What this task involves:
State the number of lines in these records that include the word "SOLIDWALL", and add nothing to it.

Record extracts:
______________________________

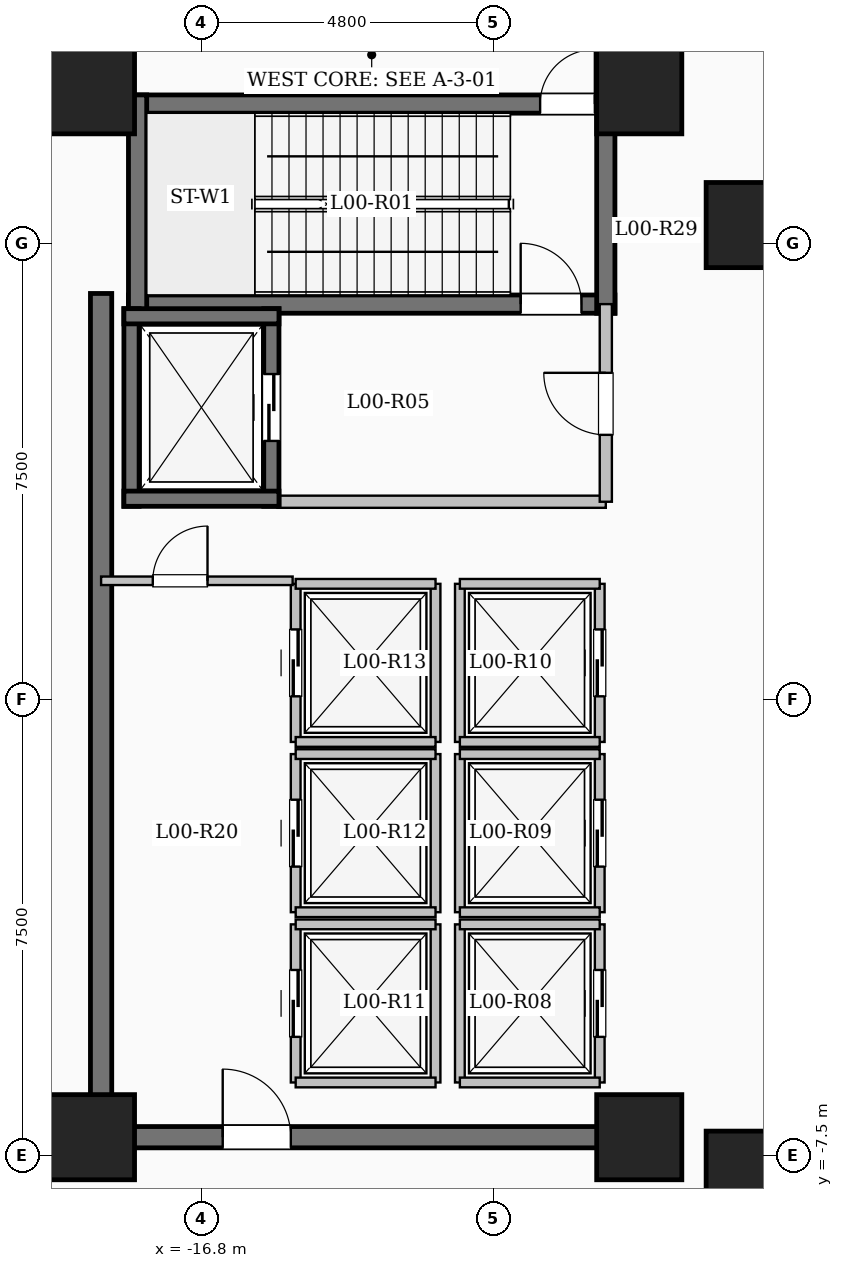
"""IFC4 building model, lengths in metres.
Left out: names, types, materials, properties, quantities, classifications, styles, units other than length and angle.
Written with IfcOpenShell. Run it as: python <this file> out.ifc"""

import sys

from ifc_helpers import new_model, si_unit, direction, frame, frame_2d, origin, origin_2d, place, context, subcontext, project, spatial, rectangle, extrude, element, fill, save


model = new_model("IFC4")
c1 = context("Model", 3, precision=1e-05, world=origin(), true_north=direction((0.0, 1.0)))
c2 = subcontext(c1, "Body", "Model", "MODEL_VIEW")
j1 = project(units=[si_unit("LENGTHUNIT", "METRE"), si_unit("PLANEANGLEUNIT", "RADIAN")], contexts=[c1])
p1 = place(None, origin())
s1 = spatial("IfcSite", under=j1, at=p1, CompositionType="ELEMENT")
p2 = place(p1, origin())
s2 = spatial("IfcBuilding", under=s1, at=p2, CompositionType="ELEMENT")
p3 = place(p2, origin())
s3 = spatial("IfcBuildingStorey", under=s2, at=p3, CompositionType="ELEMENT", Elevation=0.0)
for number, where, z_axis, x_axis in (
    (1, (-7.8, -7.8, 0.0), (0.0, 0.0, 1.0), (1.0, 0.0, 0.0)),
    (2, (-7.8, 7.8, 0.0), (0.0, 0.0, 1.0), (1.0, 0.0, 0.0)),
    (3, (-9.6, -7.2, 0.0), (0.0, 0.0, 1.0), (1.0, 0.0, 0.0)),
    (4, (-9.6, 10.0, 0.0), (0.0, 0.0, 1.0), (1.0, 0.0, 0.0)),
    (5, (-18.6, -7.2, 0.0), (0.0, 0.0, 1.0), (1.0, 0.0, 0.0)),
    (6, (-18.6, 10.0, 0.0), (0.0, 0.0, 1.0), (1.0, 0.0, 0.0)),
):
    element("IfcColumn", number, at=place(p3, frame(where, z_axis=z_axis, x_axis=x_axis)), inside=s3, PredefinedType="COLUMN", context=c2, shape_type="SweptSolid", body=[
        extrude(rectangle(XDim=1.4, YDim=1.4, at=origin_2d()), origin(), (0.0, 0.0, 1.0), 5.4),
    ])
p4 = place(p3, frame((-18.0, 9.79, 0.0), z_axis=(0.0, 0.0, 1.0), x_axis=(1.0, 0.0, 0.0)))
e7 = element("IfcWall", 7, at=p4, inside=s3, PredefinedType="SHEAR", context=c2, shape_type="SweptSolid", body=[
    extrude(rectangle(XDim=8.0, YDim=0.3, at=frame_2d((4.0, 0.0))), origin(), (0.0, 0.0, 1.0), 5.4),
])
p5 = place(p4, frame((6.77, 0.0, 0.0)))
e8 = element("IfcOpeningElement", 8, at=p5, cuts=e7, PredefinedType="OPENING", context=c2, shape_type="SweptSolid", body=[
    extrude(rectangle(XDim=0.9, YDim=2.15, at=frame_2d((0.45, 1.075))), frame((0.0, 0.16, 0.0), z_axis=(0.0, -1.0, 0.0), x_axis=(1.0, 0.0, 0.0)), (0.0, 0.0, 1.0), 0.32),
])
p6 = place(p3, frame((-18.0, 6.5, 0.0), z_axis=(0.0, 0.0, 1.0), x_axis=(1.0, 0.0, 0.0)))
e9 = element("IfcWall", 9, at=p6, inside=s3, PredefinedType="SHEAR", context=c2, shape_type="SweptSolid", body=[
    extrude(rectangle(XDim=8.0, YDim=0.3, at=frame_2d((4.0, 0.0))), origin(), (0.0, 0.0, 1.0), 5.4),
])
p7 = place(p6, frame((6.45, 0.0, 0.0)))
e10 = element("IfcOpeningElement", 10, at=p7, cuts=e9, PredefinedType="OPENING", context=c2, shape_type="SweptSolid", body=[
    extrude(rectangle(XDim=1.0, YDim=2.15, at=frame_2d((0.5, 1.075))), frame((0.0, 0.16, 0.0), z_axis=(0.0, -1.0, 0.0), x_axis=(1.0, 0.0, 0.0)), (0.0, 0.0, 1.0), 0.32),
])
for number, where, z_axis, x_axis in (
    (11, (-17.85, 6.35, 0.0), (0.0, 0.0, 1.0), (0.0, 1.0, 0.0)),
    (12, (-10.15, 6.35, 0.0), (0.0, 0.0, 1.0), (0.0, 1.0, 0.0)),
):
    element("IfcWall", number, at=place(p3, frame(where, z_axis=z_axis, x_axis=x_axis)), inside=s3, PredefinedType="SHEAR", context=c2, shape_type="SweptSolid", body=[
        extrude(rectangle(XDim=3.59, YDim=0.3, at=frame_2d((1.795, 0.0))), origin(), (0.0, 0.0, 1.0), 5.4),
    ])
p8 = place(p3, frame((-15.55, 3.25, 0.0), z_axis=(0.0, 0.0, 1.0), x_axis=(1.0, 0.0, 0.0)))
e13 = element("IfcWall", 13, at=p8, inside=s3, PredefinedType="SOLIDWALL", context=c2, shape_type="SweptSolid", body=[
    extrude(rectangle(XDim=5.4, YDim=0.2, at=frame_2d((2.7, 0.0))), origin(), (0.0, 0.0, 1.0), 5.1),
])
p9 = place(p3, frame((-10.15, 3.25, 0.0), z_axis=(0.0, 0.0, 1.0), x_axis=(0.0, 1.0, 0.0)))
e14 = element("IfcWall", 14, at=p9, inside=s3, PredefinedType="SOLIDWALL", context=c2, shape_type="SweptSolid", body=[
    extrude(rectangle(XDim=3.25, YDim=0.2, at=frame_2d((1.625, 0.0))), origin(), (0.0, 0.0, 1.0), 5.1),
])
p10 = place(p9, frame((1.1, 0.0, 0.0)))
e15 = element("IfcOpeningElement", 15, at=p10, cuts=e14, PredefinedType="OPENING", context=c2, shape_type="SweptSolid", body=[
    extrude(rectangle(XDim=1.02, YDim=2.15, at=frame_2d((0.51, 1.075))), frame((0.0, 0.11, 0.0), z_axis=(0.0, -1.0, 0.0), x_axis=(1.0, 0.0, 0.0)), (0.0, 0.0, 1.0), 0.22),
])
p11 = place(p3, frame((-17.95, 3.175, 0.0), z_axis=(0.0, 0.0, 1.0), x_axis=(0.0, 1.0, 0.0)))
e16 = element("IfcWall", 16, at=p11, inside=s3, PredefinedType="SHEAR", context=c2, shape_type="SweptSolid", body=[
    extrude(rectangle(XDim=3.25, YDim=0.25, at=frame_2d((1.625, 0.0))), origin(), (0.0, 0.0, 1.0), 5.4),
])
p12 = place(p3, frame((-15.65, 3.175, 0.0), z_axis=(0.0, 0.0, 1.0), x_axis=(0.0, 1.0, 0.0)))
e17 = element("IfcWall", 17, at=p12, inside=s3, PredefinedType="SHEAR", context=c2, shape_type="SweptSolid", body=[
    extrude(rectangle(XDim=3.25, YDim=0.25, at=frame_2d((1.625, 0.0))), origin(), (0.0, 0.0, 1.0), 5.4),
])
p13 = place(p12, frame((1.075, 0.0, 0.0)))
e18 = element("IfcOpeningElement", 18, at=p13, cuts=e17, PredefinedType="OPENING", context=c2, shape_type="SweptSolid", body=[
    extrude(rectangle(XDim=1.1, YDim=2.15, at=frame_2d((0.55, 1.075))), frame((0.0, 0.135, 0.0), z_axis=(0.0, -1.0, 0.0), x_axis=(1.0, 0.0, 0.0)), (0.0, 0.0, 1.0), 0.27),
])
for number, where, z_axis, x_axis in (
    (19, (-18.075, 3.3, 0.0), (0.0, 0.0, 1.0), (1.0, 0.0, 0.0)),
    (20, (-18.075, 6.3, 0.0), (0.0, 0.0, 1.0), (1.0, 0.0, 0.0)),
):
    element("IfcWall", number, at=place(p3, frame(where, z_axis=z_axis, x_axis=x_axis)), inside=s3, PredefinedType="SHEAR", context=c2, shape_type="SweptSolid", body=[
        extrude(rectangle(XDim=2.55, YDim=0.25, at=frame_2d((1.275, 0.0))), origin(), (0.0, 0.0, 1.0), 5.4),
    ])
p14 = place(p3, frame((-12.55, -6.3, 0.0), z_axis=(0.0, 0.0, 1.0), x_axis=(0.0, 1.0, 0.0)))
e21 = element("IfcWall", 21, at=p14, inside=s3, PredefinedType="SOLIDWALL", context=c2, shape_type="SweptSolid", body=[
    extrude(rectangle(XDim=2.6, YDim=0.16, at=frame_2d((1.3, 0.0))), origin(), (0.0, 0.0, 1.0), 5.1),
])
p15 = place(p3, frame((-10.25, -6.3, 0.0), z_axis=(0.0, 0.0, 1.0), x_axis=(0.0, 1.0, 0.0)))
e22 = element("IfcWall", 22, at=p15, inside=s3, PredefinedType="SOLIDWALL", context=c2, shape_type="SweptSolid", body=[
    extrude(rectangle(XDim=2.6, YDim=0.16, at=frame_2d((1.3, 0.0))), origin(), (0.0, 0.0, 1.0), 5.1),
])
p16 = place(p15, frame((0.75, 0.0, 0.0)))
e23 = element("IfcOpeningElement", 23, at=p16, cuts=e22, PredefinedType="OPENING", context=c2, shape_type="SweptSolid", body=[
    extrude(rectangle(XDim=1.1, YDim=2.15, at=frame_2d((0.55, 1.075))), frame((0.0, 0.09, 0.0), z_axis=(0.0, -1.0, 0.0), x_axis=(1.0, 0.0, 0.0)), (0.0, 0.0, 1.0), 0.18),
])
for number, where, z_axis, x_axis in (
    (24, (-12.55, -6.3, 0.0), (0.0, 0.0, 1.0), (1.0, 0.0, 0.0)),
    (25, (-12.55, -3.7, 0.0), (0.0, 0.0, 1.0), (1.0, 0.0, 0.0)),
):
    element("IfcWall", number, at=place(p3, frame(where, z_axis=z_axis, x_axis=x_axis)), inside=s3, PredefinedType="SOLIDWALL", context=c2, shape_type="SweptSolid", body=[
        extrude(rectangle(XDim=2.3, YDim=0.16, at=frame_2d((1.15, 0.0))), origin(), (0.0, 0.0, 1.0), 5.1),
    ])
p17 = place(p3, frame((-12.55, -3.5, 0.0), z_axis=(0.0, 0.0, 1.0), x_axis=(0.0, 1.0, 0.0)))
e26 = element("IfcWall", 26, at=p17, inside=s3, PredefinedType="SOLIDWALL", context=c2, shape_type="SweptSolid", body=[
    extrude(rectangle(XDim=2.6, YDim=0.16, at=frame_2d((1.3, 0.0))), origin(), (0.0, 0.0, 1.0), 5.1),
])
p18 = place(p3, frame((-10.25, -3.5, 0.0), z_axis=(0.0, 0.0, 1.0), x_axis=(0.0, 1.0, 0.0)))
e27 = element("IfcWall", 27, at=p18, inside=s3, PredefinedType="SOLIDWALL", context=c2, shape_type="SweptSolid", body=[
    extrude(rectangle(XDim=2.6, YDim=0.16, at=frame_2d((1.3, 0.0))), origin(), (0.0, 0.0, 1.0), 5.1),
])
p19 = place(p18, frame((0.75, 0.0, 0.0)))
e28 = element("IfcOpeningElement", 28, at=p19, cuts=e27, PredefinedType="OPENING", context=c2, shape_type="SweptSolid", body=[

______________________________

Response to this task:
7